#### [Action item]
The answer should consist of each line below that contains the word "OperationType".

#### [The input]
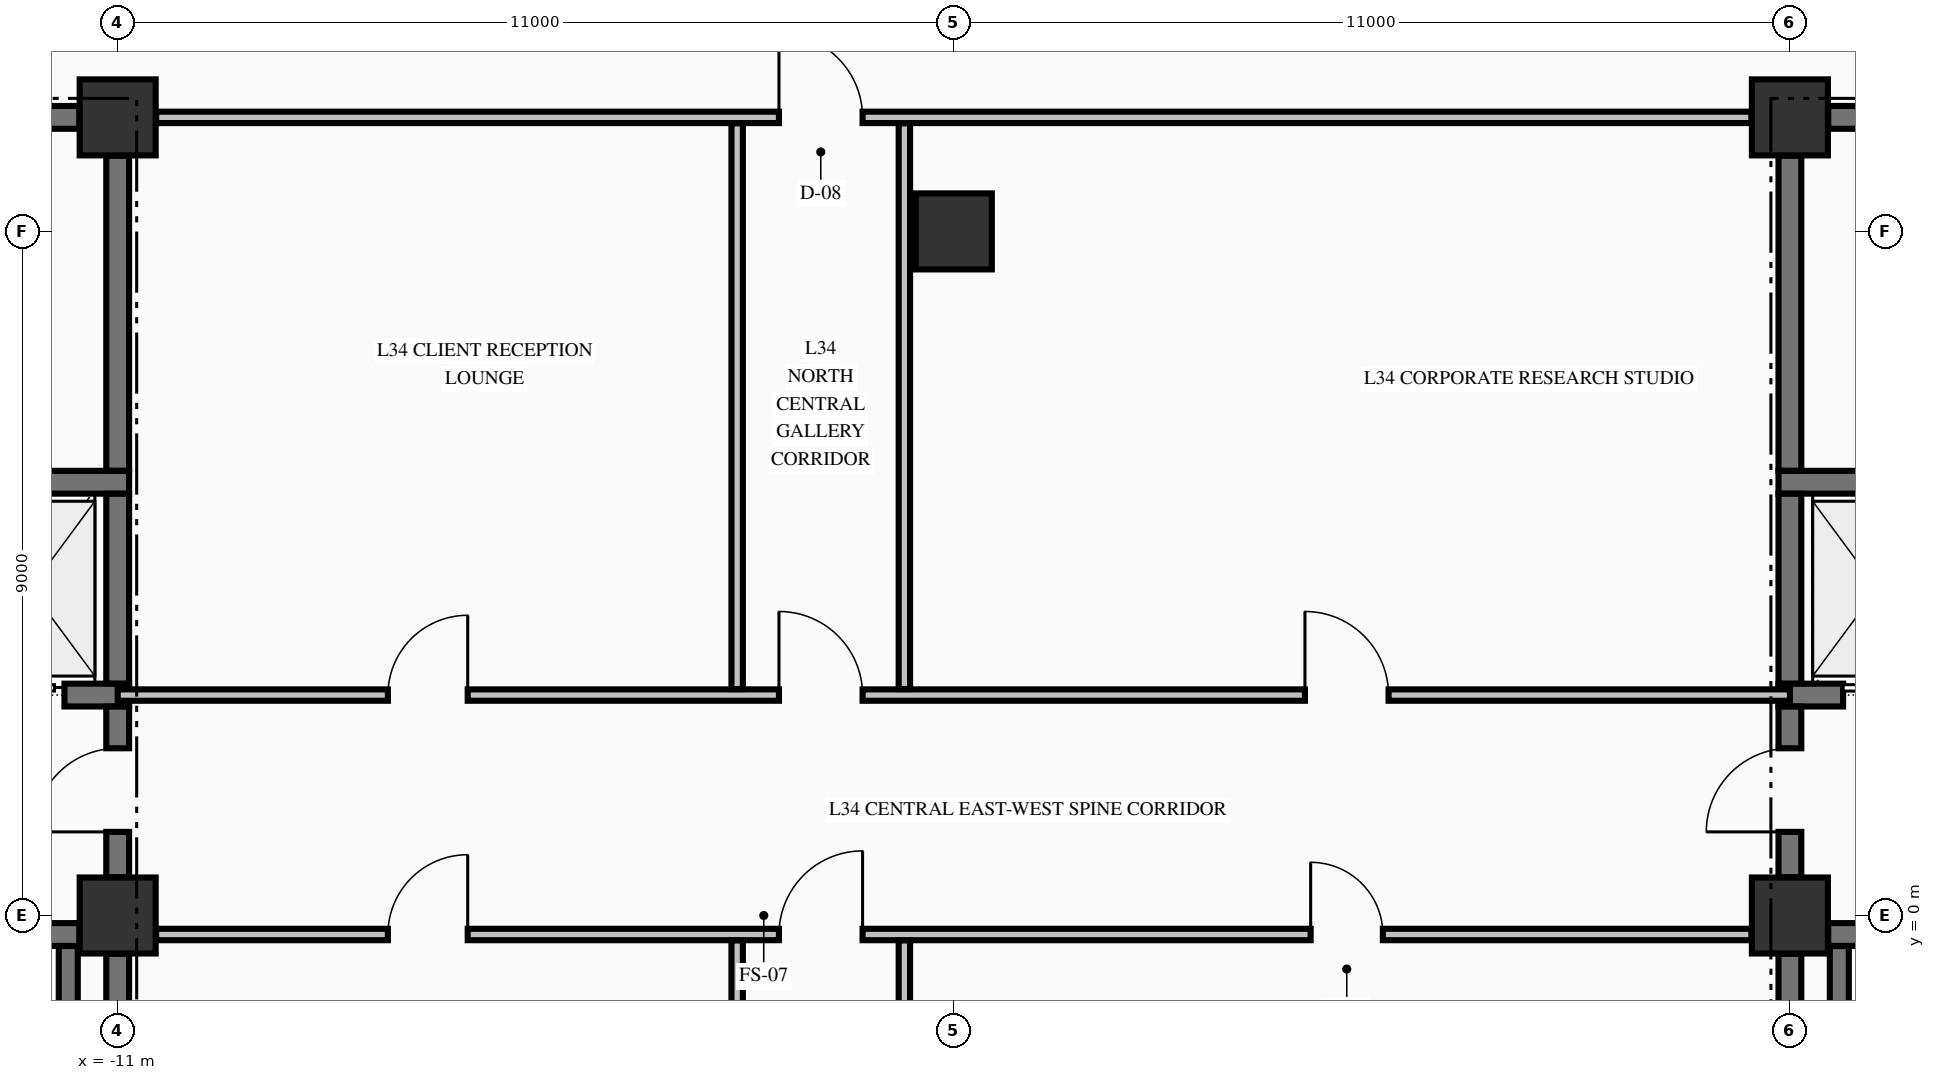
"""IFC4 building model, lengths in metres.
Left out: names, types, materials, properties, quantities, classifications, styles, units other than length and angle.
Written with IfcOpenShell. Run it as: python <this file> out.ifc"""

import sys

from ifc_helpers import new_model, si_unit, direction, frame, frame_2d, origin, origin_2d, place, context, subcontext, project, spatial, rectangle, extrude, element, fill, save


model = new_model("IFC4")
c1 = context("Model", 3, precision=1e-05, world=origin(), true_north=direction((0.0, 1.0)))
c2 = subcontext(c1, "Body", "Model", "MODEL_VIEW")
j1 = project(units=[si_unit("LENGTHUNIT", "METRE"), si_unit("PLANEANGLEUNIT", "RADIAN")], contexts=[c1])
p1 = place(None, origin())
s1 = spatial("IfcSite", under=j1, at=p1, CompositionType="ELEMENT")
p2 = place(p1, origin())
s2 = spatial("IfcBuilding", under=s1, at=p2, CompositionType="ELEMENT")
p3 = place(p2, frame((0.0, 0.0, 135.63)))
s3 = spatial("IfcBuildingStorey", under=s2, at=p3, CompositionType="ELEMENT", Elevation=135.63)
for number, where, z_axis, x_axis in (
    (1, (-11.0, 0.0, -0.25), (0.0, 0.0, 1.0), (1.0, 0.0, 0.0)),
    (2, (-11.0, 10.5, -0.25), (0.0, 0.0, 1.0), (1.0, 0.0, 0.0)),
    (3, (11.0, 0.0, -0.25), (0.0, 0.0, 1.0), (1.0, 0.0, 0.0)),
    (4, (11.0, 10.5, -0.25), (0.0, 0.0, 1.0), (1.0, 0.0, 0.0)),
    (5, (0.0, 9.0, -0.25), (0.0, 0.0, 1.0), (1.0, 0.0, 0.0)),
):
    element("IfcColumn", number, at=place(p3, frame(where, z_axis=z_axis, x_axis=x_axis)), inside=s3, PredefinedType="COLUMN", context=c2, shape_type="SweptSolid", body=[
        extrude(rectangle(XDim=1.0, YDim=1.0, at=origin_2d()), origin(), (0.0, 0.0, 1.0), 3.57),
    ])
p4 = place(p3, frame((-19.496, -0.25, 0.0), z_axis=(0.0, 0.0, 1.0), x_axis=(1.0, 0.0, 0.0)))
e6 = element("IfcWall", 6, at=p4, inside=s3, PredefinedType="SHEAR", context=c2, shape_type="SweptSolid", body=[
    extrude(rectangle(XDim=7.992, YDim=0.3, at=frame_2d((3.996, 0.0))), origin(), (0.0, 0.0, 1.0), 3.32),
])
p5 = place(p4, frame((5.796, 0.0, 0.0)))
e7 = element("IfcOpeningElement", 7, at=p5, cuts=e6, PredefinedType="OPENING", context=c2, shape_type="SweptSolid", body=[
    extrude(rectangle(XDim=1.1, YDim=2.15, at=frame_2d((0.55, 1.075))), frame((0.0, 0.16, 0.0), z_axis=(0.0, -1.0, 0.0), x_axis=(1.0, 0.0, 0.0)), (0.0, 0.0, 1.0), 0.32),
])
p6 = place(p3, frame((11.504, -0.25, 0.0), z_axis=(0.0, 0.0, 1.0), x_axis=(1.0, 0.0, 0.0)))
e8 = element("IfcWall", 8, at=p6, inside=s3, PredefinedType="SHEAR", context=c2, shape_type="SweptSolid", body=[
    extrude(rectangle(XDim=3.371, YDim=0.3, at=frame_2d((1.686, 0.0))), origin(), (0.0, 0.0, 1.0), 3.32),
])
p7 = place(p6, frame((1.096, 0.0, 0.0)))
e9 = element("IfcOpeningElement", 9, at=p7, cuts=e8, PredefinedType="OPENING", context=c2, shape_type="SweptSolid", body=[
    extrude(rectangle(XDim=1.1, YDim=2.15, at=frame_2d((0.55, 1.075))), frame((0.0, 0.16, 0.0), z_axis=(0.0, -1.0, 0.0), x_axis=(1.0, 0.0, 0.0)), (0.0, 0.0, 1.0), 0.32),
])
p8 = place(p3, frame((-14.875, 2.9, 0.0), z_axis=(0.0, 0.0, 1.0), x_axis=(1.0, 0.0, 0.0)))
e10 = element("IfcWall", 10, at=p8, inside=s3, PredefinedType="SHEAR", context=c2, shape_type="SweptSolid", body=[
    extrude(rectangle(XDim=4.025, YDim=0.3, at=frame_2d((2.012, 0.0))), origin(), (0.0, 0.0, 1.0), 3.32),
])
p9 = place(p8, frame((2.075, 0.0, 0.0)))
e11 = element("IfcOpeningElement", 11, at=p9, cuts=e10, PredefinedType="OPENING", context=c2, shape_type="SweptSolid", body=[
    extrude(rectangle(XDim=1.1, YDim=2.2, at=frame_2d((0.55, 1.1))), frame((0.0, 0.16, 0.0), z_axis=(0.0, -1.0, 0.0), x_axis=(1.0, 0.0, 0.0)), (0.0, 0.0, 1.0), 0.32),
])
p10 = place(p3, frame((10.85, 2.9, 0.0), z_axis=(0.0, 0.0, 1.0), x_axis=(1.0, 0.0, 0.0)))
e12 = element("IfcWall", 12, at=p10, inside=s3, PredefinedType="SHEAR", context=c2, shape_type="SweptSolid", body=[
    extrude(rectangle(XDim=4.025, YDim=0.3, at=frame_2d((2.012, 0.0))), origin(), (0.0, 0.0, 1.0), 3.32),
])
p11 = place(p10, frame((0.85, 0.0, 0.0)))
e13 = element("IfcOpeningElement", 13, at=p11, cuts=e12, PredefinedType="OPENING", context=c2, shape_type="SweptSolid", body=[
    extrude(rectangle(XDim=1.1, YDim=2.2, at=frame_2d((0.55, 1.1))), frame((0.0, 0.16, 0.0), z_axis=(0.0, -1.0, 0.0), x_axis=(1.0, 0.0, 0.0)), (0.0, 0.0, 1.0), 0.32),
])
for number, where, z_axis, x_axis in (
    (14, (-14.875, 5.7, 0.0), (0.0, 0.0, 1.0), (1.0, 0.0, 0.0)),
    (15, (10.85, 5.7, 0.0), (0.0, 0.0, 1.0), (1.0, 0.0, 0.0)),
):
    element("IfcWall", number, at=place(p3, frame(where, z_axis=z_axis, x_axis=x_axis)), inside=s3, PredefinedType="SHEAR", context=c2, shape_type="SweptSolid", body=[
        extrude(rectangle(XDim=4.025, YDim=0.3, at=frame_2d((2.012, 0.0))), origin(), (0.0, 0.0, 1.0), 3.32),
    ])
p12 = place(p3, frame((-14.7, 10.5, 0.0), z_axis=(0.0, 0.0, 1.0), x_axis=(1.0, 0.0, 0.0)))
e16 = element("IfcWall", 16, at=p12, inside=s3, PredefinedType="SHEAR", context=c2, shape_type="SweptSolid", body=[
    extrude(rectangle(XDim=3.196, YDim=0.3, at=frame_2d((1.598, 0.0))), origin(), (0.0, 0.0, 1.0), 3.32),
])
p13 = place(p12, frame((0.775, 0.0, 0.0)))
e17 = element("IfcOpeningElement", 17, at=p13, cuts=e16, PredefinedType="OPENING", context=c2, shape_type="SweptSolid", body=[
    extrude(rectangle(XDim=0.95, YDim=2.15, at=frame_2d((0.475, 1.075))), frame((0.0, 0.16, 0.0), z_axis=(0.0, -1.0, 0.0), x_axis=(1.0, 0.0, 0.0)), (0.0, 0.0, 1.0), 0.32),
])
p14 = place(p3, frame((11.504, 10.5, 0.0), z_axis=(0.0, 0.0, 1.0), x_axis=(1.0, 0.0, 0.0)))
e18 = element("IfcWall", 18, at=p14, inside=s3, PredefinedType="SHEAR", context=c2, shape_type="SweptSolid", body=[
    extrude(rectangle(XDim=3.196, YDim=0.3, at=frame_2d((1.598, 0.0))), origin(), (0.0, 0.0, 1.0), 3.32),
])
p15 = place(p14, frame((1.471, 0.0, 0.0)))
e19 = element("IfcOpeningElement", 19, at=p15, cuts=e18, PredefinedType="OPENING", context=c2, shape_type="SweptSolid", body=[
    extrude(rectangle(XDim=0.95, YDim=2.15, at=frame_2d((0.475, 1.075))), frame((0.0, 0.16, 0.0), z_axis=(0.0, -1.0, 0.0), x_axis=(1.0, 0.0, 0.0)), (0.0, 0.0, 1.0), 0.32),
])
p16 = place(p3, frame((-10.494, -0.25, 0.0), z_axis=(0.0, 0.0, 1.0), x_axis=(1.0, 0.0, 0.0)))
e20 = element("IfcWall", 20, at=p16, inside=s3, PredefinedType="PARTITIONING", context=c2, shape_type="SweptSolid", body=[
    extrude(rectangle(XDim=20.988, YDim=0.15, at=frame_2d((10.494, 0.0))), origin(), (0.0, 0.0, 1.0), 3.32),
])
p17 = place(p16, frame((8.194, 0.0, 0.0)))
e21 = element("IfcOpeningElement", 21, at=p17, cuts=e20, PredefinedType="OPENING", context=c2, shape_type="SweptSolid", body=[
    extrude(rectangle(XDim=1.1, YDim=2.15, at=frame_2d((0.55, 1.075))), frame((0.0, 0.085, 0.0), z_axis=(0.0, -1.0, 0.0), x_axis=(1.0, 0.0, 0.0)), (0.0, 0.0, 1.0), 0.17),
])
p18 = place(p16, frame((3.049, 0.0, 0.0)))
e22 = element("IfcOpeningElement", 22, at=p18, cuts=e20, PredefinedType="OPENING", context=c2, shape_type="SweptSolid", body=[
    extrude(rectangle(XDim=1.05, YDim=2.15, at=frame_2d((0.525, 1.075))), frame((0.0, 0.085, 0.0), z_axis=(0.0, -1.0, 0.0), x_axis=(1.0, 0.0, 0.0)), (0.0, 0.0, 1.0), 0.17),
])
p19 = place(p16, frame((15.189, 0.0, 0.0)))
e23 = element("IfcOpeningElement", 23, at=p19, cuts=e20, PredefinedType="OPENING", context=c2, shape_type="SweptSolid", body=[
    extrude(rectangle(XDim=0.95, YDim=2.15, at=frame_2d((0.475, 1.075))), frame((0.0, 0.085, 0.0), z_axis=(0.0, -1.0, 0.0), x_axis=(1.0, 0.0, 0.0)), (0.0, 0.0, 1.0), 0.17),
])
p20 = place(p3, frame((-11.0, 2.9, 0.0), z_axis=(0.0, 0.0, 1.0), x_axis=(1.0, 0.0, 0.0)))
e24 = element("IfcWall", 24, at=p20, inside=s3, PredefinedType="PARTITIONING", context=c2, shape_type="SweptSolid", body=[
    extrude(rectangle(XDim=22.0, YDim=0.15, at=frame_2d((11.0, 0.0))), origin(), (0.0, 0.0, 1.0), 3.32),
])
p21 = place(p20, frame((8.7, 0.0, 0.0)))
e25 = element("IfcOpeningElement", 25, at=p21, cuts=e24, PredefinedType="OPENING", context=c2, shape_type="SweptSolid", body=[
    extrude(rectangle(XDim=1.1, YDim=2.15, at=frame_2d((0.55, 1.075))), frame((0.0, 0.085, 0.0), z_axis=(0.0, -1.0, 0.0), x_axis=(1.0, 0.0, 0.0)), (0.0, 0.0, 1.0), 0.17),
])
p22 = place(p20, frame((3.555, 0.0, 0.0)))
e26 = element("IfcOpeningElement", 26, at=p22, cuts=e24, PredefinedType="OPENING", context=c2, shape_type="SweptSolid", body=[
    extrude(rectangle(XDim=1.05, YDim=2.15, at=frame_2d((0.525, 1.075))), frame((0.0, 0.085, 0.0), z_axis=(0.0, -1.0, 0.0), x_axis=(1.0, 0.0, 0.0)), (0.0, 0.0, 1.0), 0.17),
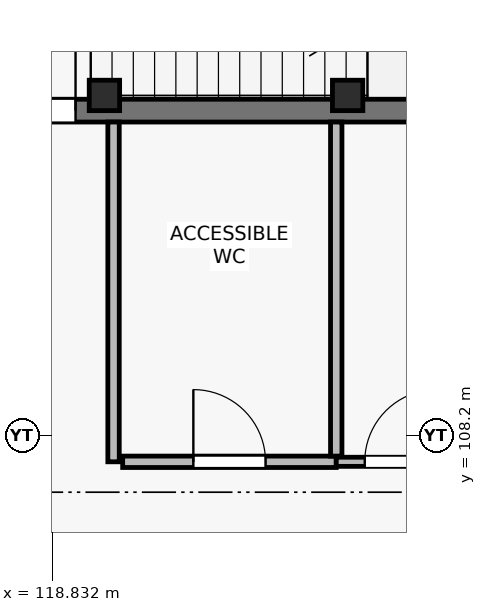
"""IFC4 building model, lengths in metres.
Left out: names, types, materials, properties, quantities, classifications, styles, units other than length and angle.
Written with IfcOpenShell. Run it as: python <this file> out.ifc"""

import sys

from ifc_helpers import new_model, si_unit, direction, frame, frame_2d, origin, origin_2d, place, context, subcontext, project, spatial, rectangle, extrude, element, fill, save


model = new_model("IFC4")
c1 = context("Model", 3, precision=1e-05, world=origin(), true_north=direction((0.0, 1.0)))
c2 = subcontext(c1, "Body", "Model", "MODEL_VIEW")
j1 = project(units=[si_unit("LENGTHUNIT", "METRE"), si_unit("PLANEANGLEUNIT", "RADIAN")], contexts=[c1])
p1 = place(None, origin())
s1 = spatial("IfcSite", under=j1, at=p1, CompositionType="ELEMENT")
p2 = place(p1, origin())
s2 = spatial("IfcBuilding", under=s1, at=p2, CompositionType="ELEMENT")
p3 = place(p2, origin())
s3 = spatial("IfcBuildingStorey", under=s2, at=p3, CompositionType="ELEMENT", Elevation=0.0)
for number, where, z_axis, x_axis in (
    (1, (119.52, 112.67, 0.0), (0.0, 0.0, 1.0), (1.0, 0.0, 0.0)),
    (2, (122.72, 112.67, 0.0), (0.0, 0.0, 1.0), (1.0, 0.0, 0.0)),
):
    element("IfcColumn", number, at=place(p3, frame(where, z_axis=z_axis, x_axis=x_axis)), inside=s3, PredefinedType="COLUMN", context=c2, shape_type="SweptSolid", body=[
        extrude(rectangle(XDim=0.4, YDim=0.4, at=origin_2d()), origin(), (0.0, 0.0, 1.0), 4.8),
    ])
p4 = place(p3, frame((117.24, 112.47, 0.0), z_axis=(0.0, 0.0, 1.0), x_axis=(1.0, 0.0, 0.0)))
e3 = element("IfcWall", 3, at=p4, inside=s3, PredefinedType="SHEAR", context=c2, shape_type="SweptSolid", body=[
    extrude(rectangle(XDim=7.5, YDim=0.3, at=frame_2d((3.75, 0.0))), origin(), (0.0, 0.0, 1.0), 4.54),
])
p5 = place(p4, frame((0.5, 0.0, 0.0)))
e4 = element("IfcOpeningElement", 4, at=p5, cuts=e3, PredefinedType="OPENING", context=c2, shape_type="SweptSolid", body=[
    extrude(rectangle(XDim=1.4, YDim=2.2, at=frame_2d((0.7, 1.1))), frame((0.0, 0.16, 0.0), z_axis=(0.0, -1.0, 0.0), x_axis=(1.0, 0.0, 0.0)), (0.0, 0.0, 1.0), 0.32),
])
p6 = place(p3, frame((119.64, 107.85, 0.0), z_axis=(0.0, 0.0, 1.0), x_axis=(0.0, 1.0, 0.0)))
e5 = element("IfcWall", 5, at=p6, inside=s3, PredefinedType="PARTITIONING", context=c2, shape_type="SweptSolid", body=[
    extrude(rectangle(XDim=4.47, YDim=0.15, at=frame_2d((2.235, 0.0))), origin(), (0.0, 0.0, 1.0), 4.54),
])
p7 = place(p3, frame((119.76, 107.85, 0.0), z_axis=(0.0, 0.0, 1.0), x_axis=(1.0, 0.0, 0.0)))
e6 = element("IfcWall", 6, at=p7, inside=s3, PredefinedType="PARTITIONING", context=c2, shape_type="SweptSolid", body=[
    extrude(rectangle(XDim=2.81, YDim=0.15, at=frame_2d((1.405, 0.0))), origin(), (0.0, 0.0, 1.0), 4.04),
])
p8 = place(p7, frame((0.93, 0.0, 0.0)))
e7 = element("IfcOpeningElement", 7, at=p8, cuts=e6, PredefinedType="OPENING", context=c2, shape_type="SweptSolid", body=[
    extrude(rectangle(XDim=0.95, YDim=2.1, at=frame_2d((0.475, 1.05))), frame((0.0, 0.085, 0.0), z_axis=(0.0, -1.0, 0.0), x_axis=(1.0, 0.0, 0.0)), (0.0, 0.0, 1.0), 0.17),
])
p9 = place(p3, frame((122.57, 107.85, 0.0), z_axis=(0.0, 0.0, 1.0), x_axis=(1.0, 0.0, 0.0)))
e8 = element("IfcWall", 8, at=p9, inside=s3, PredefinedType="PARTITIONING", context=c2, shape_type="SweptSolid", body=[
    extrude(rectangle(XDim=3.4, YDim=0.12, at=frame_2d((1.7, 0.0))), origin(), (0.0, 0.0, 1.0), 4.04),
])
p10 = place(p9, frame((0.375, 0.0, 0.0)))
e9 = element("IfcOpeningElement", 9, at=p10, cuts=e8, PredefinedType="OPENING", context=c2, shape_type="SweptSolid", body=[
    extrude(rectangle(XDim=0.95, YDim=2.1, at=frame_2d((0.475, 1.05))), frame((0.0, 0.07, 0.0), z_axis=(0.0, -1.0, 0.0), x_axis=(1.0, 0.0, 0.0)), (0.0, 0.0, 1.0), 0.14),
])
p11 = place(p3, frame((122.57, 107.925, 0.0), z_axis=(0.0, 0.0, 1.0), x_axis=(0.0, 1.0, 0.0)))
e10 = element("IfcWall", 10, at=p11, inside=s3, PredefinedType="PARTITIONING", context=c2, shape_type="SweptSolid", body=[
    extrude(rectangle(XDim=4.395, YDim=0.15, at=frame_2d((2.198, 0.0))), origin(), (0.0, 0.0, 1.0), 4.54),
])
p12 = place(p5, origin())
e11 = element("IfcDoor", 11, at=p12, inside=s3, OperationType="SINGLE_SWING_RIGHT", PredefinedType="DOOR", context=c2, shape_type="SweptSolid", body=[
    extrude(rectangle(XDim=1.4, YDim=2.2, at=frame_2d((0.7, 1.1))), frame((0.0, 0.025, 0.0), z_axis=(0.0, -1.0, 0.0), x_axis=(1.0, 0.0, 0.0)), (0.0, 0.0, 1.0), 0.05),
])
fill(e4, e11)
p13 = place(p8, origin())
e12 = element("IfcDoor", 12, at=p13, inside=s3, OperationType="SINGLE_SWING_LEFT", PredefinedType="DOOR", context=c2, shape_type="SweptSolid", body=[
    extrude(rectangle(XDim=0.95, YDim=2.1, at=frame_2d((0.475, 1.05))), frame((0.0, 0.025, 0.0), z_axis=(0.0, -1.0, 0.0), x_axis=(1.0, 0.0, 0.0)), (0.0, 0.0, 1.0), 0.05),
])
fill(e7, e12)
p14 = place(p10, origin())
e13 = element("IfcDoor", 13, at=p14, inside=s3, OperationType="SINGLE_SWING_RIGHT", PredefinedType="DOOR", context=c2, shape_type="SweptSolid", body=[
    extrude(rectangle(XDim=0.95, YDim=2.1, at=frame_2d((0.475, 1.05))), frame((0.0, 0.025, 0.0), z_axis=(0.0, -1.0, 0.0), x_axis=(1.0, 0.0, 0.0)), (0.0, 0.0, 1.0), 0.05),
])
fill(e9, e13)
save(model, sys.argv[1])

#### [Answer to this task]
e11 = element("IfcDoor", 11, at=p12, inside=s3, OperationType="SINGLE_SWING_RIGHT", PredefinedType="DOOR", context=c2, shape_type="SweptSolid", body=[
e12 = element("IfcDoor", 12, at=p13, inside=s3, OperationType="SINGLE_SWING_LEFT", PredefinedType="DOOR", context=c2, shape_type="SweptSolid", body=[
e13 = element("IfcDoor", 13, at=p14, inside=s3, OperationType="SINGLE_SWING_RIGHT", PredefinedType="DOOR", context=c2, shape_type="SweptSolid", body=[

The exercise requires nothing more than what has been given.